__Description of the task__.
The answer should be one number, the count of lines in the data with "where".

__Source information__.
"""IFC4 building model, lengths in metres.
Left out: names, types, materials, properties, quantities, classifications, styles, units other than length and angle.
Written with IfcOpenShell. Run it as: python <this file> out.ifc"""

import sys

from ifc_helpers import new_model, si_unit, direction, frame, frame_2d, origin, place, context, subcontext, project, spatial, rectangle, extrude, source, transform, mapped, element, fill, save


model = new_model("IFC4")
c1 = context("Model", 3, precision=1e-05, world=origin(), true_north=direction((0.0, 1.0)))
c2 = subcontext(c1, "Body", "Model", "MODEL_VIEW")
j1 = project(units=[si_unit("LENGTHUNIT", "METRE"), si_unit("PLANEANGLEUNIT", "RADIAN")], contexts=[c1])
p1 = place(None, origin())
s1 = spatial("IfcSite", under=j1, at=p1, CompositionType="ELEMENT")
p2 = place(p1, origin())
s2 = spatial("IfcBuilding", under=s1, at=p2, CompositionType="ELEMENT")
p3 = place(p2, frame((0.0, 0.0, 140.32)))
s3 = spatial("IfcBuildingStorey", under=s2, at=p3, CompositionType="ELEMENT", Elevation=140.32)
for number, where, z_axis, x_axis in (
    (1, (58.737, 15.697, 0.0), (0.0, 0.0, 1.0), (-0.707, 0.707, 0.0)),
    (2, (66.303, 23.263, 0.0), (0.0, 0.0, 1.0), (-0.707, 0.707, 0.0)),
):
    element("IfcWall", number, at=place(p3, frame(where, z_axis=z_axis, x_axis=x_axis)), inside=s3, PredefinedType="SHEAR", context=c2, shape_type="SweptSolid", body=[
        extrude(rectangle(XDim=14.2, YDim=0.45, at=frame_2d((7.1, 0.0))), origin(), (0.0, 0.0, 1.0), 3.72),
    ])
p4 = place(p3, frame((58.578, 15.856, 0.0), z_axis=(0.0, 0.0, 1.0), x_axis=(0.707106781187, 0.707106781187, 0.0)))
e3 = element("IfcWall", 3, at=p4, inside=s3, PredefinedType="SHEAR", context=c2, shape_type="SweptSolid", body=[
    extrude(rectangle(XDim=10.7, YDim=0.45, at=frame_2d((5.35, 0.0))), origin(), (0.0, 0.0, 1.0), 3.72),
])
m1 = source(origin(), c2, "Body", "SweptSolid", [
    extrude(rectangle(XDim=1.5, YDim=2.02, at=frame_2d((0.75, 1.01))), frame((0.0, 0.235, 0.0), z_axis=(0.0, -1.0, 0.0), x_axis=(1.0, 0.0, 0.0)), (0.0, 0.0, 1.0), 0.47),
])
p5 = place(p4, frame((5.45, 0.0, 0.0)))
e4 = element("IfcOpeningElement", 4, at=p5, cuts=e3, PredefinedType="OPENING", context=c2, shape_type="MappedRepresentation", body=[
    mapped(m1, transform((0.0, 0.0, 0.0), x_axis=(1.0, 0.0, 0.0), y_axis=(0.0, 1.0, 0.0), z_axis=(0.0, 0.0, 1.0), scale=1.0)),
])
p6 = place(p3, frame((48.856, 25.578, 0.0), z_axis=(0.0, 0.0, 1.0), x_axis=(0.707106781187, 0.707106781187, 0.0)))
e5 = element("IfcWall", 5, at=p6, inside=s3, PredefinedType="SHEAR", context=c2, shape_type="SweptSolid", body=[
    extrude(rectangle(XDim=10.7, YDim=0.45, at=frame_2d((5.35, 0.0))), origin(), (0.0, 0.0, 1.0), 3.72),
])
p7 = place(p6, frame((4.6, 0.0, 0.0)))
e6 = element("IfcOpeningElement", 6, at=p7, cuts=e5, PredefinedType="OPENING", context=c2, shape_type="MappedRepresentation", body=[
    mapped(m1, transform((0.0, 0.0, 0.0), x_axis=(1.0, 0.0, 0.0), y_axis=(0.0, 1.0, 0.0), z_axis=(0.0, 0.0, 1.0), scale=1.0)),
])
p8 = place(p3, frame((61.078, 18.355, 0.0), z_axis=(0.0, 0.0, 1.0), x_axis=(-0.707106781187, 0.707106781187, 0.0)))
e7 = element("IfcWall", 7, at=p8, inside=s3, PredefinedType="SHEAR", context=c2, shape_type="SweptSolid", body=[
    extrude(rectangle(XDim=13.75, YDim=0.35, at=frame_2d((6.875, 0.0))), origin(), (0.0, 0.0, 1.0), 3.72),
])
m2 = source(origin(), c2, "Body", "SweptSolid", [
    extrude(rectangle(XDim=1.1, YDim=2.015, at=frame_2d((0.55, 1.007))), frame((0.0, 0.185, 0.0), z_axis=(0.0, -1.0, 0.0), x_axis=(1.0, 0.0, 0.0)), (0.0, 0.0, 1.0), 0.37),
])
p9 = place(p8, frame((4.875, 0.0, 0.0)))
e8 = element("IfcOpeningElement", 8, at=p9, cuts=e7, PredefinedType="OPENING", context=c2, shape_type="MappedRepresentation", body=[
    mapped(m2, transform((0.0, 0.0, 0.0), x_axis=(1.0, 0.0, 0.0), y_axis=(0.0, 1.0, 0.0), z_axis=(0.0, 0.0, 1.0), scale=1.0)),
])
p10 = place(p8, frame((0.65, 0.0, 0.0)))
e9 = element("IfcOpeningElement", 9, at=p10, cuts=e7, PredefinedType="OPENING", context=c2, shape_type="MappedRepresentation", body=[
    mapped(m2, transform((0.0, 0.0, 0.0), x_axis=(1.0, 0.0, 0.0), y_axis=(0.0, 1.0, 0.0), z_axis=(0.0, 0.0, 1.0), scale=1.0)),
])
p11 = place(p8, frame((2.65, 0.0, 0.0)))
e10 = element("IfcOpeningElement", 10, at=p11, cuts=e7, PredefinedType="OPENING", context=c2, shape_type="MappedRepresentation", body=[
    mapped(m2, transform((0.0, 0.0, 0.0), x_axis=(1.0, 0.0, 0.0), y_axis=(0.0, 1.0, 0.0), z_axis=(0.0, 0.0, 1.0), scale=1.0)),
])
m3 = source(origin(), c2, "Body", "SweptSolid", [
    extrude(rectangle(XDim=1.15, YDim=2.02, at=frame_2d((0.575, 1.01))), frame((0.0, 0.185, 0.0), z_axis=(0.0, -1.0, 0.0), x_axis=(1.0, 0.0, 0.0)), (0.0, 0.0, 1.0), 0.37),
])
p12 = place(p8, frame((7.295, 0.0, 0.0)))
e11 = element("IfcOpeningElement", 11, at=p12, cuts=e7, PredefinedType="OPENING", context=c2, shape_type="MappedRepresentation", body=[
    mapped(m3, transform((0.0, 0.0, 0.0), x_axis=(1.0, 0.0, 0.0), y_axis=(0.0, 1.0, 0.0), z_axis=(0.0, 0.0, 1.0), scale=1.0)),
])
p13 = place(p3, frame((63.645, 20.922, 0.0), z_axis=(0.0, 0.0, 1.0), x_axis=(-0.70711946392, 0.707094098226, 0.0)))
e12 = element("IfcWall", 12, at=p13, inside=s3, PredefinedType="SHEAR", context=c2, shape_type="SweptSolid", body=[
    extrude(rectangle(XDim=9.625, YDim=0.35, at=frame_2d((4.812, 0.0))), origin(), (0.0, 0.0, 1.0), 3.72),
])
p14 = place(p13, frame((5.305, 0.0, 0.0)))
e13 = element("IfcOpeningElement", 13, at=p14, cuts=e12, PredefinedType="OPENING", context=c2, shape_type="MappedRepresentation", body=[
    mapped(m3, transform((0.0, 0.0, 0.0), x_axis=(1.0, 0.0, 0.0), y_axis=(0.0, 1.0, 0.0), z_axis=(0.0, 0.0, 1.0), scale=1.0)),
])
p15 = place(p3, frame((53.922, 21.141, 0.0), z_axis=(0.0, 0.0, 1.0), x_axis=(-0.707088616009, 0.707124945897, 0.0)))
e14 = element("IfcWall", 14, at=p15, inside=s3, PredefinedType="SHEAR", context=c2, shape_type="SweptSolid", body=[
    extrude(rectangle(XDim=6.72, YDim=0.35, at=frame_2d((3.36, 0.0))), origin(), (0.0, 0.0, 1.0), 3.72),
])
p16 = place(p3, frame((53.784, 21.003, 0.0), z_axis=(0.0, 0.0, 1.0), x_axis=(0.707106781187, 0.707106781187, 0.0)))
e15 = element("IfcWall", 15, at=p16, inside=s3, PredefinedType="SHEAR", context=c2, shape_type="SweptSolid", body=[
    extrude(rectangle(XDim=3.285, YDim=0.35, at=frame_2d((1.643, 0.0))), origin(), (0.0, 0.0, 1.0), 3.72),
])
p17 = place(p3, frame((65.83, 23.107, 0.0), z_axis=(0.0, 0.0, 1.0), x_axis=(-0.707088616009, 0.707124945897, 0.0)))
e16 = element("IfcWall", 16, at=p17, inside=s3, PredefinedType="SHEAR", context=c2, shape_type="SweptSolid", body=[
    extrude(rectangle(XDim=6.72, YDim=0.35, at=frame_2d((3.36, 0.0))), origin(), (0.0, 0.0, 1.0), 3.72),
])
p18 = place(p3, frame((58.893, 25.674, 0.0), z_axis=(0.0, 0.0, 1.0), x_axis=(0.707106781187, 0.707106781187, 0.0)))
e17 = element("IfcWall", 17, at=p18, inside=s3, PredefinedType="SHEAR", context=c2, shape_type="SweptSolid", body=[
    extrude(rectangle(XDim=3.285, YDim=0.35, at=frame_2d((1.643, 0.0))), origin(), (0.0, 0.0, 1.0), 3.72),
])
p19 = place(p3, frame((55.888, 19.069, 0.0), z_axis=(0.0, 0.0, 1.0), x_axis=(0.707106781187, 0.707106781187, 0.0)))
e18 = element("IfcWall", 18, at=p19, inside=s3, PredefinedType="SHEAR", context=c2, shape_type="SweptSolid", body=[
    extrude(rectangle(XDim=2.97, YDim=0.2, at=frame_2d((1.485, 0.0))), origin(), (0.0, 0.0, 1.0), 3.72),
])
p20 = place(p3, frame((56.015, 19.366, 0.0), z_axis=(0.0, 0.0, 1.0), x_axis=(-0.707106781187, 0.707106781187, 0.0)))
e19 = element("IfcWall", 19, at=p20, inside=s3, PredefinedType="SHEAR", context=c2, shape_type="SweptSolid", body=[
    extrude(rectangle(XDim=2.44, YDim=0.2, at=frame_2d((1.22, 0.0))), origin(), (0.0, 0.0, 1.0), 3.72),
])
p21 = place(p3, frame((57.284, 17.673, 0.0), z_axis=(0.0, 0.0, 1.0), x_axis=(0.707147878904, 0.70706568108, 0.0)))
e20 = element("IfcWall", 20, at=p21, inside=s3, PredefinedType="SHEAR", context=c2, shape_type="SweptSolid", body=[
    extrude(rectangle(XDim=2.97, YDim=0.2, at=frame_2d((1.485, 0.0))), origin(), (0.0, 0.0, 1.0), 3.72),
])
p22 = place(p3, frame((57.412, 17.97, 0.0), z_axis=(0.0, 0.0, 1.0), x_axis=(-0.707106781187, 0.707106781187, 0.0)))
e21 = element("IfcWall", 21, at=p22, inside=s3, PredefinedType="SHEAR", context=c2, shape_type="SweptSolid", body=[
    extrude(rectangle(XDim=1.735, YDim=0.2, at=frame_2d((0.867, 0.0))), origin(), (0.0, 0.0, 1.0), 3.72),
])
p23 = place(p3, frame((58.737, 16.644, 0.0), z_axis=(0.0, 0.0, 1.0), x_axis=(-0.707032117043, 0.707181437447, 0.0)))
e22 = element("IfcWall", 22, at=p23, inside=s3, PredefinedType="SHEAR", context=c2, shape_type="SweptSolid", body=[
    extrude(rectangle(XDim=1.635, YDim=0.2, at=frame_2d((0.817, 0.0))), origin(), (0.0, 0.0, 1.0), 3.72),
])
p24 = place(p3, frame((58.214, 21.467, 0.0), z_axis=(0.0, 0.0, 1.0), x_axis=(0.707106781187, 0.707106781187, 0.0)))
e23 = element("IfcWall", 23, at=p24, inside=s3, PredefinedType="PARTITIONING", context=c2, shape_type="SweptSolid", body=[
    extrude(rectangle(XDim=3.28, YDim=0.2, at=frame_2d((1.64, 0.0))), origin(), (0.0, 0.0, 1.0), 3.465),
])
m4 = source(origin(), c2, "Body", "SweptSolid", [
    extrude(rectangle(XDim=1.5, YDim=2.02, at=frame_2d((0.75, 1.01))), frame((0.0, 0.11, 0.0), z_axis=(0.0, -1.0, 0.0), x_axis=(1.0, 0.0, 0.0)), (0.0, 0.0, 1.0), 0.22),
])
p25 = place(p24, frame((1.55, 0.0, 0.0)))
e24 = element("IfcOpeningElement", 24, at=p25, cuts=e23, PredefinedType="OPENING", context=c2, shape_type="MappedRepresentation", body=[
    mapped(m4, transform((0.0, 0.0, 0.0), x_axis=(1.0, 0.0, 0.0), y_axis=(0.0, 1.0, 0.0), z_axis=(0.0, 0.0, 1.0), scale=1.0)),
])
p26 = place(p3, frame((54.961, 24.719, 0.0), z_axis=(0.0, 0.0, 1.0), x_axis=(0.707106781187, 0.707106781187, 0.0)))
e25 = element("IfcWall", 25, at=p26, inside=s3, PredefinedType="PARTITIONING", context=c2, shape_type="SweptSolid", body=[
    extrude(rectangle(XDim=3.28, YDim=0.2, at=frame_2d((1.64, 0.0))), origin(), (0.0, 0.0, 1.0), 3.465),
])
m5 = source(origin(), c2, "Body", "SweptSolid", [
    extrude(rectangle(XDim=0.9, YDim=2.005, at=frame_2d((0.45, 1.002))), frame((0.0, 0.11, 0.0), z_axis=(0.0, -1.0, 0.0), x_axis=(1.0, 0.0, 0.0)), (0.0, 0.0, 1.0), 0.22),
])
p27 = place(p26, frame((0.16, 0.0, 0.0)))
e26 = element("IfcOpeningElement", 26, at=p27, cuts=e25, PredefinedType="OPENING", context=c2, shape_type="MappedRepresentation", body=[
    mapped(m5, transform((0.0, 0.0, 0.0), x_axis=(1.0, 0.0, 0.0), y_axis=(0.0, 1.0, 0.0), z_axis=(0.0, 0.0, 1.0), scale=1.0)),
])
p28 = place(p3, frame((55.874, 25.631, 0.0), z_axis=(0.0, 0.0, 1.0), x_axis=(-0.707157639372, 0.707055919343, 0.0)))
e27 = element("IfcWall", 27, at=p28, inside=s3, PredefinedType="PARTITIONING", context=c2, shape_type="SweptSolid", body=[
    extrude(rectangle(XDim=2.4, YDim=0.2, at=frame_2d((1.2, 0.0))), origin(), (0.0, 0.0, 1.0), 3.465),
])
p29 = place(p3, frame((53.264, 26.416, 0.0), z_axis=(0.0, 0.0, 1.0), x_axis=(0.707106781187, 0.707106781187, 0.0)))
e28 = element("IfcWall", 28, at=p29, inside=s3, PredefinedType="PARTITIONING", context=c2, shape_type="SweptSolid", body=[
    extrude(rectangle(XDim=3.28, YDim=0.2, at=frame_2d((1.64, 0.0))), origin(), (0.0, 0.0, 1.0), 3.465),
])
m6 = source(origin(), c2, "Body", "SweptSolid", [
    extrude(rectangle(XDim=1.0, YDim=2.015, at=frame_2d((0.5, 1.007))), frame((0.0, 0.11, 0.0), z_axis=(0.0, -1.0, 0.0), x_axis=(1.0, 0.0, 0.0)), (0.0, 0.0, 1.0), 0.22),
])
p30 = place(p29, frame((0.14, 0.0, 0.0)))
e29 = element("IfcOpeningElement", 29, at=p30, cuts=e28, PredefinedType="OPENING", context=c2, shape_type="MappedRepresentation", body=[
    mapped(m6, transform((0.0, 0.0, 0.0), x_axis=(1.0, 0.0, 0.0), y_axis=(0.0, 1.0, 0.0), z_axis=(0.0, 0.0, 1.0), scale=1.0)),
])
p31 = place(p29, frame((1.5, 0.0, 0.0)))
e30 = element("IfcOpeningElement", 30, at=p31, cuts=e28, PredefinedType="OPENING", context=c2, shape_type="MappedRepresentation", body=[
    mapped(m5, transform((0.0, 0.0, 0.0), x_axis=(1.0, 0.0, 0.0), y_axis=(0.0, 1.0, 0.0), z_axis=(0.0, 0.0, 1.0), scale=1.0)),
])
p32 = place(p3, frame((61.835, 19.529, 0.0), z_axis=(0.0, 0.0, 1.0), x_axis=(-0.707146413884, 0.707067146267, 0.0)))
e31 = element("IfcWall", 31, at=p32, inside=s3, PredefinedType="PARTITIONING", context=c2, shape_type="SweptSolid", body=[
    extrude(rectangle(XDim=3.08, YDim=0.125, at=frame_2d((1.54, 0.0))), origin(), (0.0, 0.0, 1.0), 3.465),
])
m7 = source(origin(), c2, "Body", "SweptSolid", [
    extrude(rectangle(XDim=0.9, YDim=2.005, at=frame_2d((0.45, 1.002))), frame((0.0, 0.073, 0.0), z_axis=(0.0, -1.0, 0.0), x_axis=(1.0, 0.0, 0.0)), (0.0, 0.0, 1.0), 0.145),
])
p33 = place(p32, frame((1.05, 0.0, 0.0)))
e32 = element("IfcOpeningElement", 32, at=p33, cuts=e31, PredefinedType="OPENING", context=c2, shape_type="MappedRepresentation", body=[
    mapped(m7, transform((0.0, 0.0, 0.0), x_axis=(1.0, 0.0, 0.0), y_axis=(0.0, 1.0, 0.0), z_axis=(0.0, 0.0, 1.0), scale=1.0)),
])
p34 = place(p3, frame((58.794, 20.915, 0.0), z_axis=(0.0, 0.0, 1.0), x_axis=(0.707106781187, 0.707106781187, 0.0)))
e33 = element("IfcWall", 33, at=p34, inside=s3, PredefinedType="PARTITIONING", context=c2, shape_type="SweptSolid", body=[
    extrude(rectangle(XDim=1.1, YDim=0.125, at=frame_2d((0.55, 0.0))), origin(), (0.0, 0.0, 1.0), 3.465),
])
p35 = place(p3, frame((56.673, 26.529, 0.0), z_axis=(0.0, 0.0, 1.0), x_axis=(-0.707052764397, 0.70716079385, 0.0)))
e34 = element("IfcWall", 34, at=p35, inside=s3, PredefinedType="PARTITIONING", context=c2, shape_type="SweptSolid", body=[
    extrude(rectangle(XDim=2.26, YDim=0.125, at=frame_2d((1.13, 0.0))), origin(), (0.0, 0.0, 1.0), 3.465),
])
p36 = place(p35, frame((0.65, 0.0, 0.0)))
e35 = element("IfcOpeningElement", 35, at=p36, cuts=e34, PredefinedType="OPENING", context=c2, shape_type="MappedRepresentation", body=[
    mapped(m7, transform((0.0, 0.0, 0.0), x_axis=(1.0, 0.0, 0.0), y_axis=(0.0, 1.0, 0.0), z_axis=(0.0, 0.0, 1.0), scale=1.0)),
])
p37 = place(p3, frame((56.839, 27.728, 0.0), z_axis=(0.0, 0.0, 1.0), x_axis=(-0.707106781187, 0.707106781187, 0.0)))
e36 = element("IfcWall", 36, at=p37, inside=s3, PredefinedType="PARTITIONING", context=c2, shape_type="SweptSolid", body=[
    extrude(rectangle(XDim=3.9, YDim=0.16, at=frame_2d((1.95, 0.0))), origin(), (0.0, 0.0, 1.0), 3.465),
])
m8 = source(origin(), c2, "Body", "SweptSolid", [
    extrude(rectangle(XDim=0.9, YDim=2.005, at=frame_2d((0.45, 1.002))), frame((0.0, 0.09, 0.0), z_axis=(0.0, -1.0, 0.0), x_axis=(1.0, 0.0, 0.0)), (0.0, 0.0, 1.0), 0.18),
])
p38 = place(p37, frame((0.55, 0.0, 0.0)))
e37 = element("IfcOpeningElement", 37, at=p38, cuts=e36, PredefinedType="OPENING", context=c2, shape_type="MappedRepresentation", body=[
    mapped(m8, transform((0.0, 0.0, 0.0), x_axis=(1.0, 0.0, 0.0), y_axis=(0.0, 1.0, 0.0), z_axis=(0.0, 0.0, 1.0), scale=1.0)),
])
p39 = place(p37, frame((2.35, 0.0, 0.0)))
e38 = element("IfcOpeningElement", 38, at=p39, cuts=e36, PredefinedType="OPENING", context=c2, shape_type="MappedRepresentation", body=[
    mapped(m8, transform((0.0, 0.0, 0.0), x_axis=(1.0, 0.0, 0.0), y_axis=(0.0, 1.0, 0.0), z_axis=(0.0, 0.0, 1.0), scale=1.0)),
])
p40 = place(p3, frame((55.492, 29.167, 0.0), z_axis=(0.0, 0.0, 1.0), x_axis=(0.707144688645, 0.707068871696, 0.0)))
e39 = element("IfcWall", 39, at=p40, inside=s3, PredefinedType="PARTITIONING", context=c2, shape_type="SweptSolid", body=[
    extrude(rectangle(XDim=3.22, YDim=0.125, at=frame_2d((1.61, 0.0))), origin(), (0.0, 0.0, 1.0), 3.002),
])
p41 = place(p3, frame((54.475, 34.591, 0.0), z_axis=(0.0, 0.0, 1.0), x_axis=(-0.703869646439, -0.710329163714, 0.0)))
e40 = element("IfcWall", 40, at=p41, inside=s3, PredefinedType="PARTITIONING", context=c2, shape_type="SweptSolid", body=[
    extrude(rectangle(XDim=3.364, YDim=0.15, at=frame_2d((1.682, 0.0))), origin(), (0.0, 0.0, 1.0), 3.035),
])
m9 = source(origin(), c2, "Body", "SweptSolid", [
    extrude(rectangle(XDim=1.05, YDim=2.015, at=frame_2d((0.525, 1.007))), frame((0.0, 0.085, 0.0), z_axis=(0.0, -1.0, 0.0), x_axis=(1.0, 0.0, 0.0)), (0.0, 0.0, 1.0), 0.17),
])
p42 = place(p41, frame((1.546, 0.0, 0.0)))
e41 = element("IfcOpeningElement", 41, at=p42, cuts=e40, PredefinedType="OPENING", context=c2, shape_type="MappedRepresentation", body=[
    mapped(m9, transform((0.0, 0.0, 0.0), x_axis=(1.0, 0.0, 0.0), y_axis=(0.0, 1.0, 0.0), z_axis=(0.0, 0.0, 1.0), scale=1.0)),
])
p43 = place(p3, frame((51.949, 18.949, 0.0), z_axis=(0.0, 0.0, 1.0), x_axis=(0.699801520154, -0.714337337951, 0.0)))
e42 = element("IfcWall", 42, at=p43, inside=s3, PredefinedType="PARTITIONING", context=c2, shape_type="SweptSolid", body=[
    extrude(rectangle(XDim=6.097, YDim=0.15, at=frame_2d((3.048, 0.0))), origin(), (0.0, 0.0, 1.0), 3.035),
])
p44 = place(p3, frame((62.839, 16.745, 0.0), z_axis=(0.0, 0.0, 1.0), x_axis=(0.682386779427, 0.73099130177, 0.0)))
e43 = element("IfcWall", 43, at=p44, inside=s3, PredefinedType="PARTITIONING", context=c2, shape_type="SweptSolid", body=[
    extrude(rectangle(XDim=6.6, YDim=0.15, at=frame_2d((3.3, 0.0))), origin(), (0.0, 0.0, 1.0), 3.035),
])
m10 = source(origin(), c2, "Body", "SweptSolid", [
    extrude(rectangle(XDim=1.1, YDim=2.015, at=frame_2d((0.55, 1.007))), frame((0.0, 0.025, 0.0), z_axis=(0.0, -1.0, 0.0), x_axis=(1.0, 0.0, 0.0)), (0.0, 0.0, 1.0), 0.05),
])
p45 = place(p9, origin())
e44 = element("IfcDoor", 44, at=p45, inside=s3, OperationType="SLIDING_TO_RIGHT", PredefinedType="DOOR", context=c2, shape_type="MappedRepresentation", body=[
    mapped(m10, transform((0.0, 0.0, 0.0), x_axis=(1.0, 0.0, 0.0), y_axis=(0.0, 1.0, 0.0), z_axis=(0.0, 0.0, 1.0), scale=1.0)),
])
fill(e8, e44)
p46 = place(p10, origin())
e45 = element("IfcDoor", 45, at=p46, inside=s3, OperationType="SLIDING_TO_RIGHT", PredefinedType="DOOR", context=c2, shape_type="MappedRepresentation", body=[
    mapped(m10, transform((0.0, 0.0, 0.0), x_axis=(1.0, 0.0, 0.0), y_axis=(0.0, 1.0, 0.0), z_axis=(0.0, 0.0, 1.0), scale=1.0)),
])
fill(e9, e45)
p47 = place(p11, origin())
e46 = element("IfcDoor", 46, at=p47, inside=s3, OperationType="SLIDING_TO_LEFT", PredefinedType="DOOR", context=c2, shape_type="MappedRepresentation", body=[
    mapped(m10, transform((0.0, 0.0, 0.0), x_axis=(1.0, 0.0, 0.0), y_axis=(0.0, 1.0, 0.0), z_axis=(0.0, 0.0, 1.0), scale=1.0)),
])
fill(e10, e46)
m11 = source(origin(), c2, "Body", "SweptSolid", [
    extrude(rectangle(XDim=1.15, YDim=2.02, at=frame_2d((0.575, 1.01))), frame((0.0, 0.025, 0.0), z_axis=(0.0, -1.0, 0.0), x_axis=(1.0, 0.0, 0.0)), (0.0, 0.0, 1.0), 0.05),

__Answer for the task__.
2